====== PROVIDED DATA

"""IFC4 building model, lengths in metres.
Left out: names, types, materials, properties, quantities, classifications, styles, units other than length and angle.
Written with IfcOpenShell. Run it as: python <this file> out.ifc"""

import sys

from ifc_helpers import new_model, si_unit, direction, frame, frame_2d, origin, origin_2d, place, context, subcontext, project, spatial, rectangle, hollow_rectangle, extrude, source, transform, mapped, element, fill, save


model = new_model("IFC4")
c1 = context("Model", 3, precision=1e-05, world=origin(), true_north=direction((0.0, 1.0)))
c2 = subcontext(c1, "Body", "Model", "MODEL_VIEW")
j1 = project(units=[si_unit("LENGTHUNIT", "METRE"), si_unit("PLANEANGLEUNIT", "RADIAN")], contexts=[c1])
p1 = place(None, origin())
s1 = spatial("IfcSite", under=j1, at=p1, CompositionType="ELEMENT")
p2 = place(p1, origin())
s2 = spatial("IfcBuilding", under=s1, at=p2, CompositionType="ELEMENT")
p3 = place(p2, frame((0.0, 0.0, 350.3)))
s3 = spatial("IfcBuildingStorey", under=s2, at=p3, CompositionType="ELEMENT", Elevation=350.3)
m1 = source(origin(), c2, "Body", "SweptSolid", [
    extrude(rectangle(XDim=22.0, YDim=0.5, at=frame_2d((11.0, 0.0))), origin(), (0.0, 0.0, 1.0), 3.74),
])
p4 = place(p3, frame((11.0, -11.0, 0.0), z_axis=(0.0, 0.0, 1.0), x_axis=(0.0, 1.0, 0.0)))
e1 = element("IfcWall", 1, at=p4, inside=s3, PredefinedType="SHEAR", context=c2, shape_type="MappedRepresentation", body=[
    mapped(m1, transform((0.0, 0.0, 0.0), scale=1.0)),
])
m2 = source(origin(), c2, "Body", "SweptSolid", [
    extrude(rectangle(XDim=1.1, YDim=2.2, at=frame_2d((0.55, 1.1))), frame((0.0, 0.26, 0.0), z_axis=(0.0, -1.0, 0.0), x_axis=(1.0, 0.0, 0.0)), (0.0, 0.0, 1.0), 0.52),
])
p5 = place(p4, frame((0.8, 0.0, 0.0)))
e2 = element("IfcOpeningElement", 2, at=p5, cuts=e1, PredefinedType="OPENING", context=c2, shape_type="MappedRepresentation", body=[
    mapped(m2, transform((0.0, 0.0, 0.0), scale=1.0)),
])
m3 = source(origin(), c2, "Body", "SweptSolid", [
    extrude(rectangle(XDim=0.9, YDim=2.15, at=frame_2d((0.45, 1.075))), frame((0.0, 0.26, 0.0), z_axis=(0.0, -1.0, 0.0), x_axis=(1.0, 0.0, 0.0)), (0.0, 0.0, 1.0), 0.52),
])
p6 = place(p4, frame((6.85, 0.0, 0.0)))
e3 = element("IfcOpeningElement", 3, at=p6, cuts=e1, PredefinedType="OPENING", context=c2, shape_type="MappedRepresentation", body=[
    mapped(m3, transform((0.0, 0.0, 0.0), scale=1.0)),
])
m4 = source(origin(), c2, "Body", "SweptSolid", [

============

Which lines of the data include the word "source"? Copy each one.

> **ANSWER TO THIS PROBLEM**
from ifc_helpers import new_model, si_unit, direction, frame, frame_2d, origin, origin_2d, place, context, subcontext, project, spatial, rectangle, hollow_rectangle, extrude, source, transform, mapped, element, fill, save
m1 = source(origin(), c2, "Body", "SweptSolid", [
m2 = source(origin(), c2, "Body", "SweptSolid", [
m3 = source(origin(), c2, "Body", "SweptSolid", [
m4 = source(origin(), c2, "Body", "SweptSolid", [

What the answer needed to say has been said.